**Your objective:**
Give back the lines of the records exactly, starting at the first and ending at the one with "linetype='Continuous', lineweight=18, true_color=0xc8c92d)".

--*--

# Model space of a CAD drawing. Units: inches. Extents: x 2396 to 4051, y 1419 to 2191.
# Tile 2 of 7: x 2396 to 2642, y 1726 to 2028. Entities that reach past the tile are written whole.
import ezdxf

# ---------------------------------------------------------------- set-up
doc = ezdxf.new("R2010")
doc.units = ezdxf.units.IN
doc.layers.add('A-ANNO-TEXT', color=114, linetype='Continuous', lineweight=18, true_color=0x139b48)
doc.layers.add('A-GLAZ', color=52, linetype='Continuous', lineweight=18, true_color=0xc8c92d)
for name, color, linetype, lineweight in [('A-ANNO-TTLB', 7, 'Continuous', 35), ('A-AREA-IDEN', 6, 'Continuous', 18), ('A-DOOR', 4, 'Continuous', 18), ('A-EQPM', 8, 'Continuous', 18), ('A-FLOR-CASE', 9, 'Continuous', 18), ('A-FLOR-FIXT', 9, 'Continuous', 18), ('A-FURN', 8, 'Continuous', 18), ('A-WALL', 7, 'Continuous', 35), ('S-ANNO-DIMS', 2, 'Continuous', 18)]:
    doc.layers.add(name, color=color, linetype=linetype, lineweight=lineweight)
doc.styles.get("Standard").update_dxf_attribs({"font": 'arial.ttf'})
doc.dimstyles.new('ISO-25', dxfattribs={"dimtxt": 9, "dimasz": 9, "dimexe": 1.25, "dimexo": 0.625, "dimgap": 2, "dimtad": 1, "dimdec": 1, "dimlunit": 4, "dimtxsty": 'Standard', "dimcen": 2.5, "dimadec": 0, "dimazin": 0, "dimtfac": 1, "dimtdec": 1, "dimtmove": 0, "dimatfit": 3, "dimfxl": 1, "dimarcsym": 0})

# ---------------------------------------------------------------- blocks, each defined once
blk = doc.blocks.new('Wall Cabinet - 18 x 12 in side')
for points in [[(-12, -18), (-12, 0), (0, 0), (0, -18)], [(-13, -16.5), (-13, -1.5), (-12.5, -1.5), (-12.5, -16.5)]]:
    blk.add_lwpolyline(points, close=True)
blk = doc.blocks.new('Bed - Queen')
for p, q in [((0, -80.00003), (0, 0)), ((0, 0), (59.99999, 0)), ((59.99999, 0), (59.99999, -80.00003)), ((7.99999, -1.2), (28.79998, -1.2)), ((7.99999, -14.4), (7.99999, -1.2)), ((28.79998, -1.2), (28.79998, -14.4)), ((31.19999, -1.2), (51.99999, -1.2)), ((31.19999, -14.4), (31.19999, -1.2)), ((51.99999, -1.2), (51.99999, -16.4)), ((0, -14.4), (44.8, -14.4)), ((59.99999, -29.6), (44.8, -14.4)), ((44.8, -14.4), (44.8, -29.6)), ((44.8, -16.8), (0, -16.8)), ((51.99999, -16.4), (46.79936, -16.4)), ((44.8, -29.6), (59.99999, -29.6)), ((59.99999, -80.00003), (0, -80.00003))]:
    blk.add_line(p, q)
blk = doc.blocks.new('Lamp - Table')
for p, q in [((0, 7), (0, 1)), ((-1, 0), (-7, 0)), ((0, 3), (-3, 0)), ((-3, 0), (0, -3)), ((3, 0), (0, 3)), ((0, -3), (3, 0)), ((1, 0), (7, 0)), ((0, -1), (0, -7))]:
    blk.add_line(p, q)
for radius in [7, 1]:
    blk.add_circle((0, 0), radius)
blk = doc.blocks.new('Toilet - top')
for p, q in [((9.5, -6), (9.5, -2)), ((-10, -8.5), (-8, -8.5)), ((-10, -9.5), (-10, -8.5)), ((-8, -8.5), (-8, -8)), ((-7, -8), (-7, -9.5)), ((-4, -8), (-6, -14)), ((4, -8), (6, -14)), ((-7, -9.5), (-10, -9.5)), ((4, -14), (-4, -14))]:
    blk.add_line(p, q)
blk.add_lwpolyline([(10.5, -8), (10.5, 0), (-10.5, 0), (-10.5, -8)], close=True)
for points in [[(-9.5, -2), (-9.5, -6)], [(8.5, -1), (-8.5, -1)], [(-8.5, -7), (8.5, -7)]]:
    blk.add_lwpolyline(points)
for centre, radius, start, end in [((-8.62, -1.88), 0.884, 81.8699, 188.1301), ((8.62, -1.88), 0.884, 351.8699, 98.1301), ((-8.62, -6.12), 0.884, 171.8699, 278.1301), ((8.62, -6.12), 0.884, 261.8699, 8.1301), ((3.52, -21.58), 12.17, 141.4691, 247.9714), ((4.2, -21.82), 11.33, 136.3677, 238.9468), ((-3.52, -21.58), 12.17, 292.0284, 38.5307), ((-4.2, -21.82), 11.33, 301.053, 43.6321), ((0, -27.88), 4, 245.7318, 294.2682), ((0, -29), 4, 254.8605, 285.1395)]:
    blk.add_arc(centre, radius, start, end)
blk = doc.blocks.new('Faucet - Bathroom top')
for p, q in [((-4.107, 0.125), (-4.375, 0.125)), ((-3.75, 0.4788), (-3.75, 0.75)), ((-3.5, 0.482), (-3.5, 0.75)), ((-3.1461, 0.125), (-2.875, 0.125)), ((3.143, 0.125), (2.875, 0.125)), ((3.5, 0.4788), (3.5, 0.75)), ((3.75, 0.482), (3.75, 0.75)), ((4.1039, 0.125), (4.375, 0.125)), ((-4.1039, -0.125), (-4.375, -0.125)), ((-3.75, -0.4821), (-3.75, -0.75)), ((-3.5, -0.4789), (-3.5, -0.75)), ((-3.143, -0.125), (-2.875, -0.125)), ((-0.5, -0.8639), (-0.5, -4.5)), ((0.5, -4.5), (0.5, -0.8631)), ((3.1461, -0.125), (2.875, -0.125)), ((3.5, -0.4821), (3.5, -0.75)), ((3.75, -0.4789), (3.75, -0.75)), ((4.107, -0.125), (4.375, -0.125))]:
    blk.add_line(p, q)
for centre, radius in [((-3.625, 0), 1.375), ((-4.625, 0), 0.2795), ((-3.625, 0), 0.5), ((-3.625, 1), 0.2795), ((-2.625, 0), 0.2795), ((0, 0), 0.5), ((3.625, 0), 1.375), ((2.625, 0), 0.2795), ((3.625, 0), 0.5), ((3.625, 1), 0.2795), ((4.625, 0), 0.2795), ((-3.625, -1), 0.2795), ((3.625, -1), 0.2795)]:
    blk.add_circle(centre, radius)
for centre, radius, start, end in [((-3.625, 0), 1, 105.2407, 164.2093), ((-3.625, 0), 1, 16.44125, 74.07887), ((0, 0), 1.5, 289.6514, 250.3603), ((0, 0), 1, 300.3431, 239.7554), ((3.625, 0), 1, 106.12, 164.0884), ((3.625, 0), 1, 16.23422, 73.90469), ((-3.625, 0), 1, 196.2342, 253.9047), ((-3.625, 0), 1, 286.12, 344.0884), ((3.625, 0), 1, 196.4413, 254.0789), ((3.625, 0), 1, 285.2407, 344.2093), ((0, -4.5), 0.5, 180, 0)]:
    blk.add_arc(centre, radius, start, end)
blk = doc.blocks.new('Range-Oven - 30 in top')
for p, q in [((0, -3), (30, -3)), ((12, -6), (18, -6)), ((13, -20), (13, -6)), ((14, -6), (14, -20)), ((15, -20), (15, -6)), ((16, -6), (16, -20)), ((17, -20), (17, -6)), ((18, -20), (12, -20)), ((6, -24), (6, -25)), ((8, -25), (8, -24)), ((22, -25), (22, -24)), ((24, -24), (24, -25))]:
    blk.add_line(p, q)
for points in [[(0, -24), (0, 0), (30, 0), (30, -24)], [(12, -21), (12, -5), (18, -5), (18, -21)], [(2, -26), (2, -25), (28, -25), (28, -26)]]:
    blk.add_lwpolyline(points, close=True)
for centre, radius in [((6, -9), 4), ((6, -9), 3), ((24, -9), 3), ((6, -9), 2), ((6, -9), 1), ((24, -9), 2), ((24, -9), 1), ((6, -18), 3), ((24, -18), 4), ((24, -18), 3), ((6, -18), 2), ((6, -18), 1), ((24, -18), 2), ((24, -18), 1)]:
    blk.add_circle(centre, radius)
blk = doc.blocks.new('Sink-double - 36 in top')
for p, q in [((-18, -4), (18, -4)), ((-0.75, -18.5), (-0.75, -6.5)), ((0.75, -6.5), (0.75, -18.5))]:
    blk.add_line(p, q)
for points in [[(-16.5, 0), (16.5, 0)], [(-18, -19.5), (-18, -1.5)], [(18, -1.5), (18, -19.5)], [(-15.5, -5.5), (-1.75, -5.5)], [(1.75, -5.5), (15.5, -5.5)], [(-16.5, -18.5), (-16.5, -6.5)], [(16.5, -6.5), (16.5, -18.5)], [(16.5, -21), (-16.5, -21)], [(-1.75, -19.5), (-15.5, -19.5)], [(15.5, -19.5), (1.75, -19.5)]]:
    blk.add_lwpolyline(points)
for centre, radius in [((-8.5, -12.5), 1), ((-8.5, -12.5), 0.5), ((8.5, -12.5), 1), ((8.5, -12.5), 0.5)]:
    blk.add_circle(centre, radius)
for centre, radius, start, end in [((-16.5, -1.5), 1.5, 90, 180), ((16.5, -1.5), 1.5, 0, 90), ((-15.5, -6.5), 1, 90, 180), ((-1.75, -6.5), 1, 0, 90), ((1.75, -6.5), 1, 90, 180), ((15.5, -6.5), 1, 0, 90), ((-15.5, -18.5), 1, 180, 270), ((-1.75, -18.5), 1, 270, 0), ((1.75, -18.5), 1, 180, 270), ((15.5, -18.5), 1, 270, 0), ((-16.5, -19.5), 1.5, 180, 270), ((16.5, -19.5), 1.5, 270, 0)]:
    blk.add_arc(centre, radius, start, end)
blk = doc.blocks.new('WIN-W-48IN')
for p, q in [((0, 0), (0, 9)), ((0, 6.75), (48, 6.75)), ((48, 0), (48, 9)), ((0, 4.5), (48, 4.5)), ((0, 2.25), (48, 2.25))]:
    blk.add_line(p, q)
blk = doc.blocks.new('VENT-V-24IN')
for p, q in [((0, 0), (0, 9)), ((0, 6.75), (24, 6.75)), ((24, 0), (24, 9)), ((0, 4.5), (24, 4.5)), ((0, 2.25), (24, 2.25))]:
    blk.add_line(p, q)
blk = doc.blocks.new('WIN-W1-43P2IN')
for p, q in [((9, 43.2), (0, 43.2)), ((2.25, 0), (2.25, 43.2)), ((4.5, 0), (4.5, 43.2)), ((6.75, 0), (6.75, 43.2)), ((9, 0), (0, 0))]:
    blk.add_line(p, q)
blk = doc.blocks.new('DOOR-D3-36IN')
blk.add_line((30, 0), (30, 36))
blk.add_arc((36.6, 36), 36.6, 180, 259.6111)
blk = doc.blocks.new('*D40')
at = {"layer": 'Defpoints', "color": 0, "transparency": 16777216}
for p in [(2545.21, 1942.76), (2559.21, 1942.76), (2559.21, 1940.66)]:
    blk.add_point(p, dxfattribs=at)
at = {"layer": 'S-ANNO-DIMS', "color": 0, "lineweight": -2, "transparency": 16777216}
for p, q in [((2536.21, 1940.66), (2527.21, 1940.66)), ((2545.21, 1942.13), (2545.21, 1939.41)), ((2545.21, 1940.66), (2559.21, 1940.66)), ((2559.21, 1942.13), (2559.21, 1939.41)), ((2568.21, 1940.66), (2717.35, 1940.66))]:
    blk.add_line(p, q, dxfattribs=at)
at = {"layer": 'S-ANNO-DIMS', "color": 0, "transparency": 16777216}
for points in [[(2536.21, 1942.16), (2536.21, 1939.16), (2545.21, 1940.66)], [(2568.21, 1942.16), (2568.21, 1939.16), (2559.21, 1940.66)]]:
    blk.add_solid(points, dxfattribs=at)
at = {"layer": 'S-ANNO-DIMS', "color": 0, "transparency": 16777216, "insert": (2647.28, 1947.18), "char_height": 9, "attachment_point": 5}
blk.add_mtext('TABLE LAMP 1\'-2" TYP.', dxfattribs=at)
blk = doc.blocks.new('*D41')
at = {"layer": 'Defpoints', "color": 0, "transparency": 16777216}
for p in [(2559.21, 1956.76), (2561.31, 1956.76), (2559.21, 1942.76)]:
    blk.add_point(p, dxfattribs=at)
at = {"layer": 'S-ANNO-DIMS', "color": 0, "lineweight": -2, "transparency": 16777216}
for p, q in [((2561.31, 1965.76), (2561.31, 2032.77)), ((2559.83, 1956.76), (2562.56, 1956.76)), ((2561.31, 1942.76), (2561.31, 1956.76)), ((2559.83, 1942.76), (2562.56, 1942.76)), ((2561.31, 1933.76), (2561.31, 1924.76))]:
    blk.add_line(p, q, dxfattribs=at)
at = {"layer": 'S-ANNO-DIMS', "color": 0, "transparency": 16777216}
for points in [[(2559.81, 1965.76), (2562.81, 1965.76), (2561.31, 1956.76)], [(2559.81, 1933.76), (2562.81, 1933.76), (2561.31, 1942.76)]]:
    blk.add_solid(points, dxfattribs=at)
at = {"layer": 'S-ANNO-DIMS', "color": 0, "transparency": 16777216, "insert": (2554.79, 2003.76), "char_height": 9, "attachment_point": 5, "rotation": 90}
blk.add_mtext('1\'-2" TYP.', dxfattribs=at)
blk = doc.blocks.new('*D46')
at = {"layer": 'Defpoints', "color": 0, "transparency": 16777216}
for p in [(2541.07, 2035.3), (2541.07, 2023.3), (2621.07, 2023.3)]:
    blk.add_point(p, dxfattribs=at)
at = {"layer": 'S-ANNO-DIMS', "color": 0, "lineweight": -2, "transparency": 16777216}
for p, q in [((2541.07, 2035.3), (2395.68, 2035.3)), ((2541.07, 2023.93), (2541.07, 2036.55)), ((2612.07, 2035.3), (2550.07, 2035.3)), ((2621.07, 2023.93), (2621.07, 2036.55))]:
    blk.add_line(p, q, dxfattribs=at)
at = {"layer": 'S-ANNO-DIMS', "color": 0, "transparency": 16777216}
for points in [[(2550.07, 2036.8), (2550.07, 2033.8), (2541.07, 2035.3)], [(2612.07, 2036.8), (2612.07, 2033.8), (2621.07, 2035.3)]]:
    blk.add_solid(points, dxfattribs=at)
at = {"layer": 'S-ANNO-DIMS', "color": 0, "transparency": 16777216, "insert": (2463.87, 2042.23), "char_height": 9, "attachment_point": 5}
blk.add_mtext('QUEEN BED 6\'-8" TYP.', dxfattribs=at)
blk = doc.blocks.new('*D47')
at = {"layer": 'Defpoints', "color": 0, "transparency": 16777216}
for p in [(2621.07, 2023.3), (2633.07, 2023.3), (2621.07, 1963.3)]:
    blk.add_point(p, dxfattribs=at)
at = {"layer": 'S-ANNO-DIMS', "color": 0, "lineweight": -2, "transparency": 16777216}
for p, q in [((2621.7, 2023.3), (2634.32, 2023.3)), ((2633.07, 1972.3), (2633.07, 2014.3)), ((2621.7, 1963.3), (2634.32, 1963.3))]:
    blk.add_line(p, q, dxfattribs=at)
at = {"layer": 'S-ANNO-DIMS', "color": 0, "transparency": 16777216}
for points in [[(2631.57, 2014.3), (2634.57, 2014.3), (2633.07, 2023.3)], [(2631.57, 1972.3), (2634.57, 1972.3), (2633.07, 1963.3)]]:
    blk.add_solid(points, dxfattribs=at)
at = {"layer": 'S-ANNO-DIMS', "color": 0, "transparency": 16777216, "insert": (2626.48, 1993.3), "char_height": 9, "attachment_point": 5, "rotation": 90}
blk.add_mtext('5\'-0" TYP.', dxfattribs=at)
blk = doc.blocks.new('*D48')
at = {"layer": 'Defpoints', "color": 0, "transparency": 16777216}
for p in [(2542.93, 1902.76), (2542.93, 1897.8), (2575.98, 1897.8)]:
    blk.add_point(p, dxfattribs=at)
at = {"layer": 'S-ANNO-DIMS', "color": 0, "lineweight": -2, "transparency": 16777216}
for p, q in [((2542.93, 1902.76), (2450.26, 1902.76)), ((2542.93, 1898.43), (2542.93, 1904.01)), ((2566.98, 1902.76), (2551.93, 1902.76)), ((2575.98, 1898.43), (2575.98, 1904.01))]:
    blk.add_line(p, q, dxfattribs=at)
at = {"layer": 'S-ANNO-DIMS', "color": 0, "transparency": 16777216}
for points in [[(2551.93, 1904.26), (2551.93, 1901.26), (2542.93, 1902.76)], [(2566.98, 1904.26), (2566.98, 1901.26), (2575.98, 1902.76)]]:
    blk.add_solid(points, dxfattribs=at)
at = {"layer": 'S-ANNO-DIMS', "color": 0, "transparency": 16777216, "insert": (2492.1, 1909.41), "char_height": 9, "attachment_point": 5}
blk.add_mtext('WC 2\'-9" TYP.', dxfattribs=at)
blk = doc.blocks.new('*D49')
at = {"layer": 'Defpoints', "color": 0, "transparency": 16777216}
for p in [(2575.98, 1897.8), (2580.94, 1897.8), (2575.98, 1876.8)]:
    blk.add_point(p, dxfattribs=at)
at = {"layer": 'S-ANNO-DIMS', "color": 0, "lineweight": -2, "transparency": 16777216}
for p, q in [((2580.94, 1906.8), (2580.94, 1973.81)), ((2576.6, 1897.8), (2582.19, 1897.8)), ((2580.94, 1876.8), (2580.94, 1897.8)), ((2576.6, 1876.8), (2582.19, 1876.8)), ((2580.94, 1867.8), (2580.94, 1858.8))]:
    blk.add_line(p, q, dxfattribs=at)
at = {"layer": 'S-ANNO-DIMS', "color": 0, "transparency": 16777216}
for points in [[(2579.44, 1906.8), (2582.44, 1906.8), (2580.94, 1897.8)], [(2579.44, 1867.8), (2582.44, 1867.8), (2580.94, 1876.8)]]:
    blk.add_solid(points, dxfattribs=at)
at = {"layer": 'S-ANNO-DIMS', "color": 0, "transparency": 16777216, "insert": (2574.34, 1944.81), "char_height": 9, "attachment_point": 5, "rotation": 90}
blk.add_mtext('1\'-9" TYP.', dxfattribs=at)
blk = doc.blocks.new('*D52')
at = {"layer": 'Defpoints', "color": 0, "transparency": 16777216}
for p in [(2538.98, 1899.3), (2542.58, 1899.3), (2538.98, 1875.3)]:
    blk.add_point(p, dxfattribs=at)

--*--

**Solution:**
# Model space of a CAD drawing. Units: inches. Extents: x 2396 to 4051, y 1419 to 2191.
# Tile 2 of 7: x 2396 to 2642, y 1726 to 2028. Entities that reach past the tile are written whole.
import ezdxf

# ---------------------------------------------------------------- set-up
doc = ezdxf.new("R2010")
doc.units = ezdxf.units.IN
doc.layers.add('A-ANNO-TEXT', color=114, linetype='Continuous', lineweight=18, true_color=0x139b48)
doc.layers.add('A-GLAZ', color=52, linetype='Continuous', lineweight=18, true_color=0xc8c92d)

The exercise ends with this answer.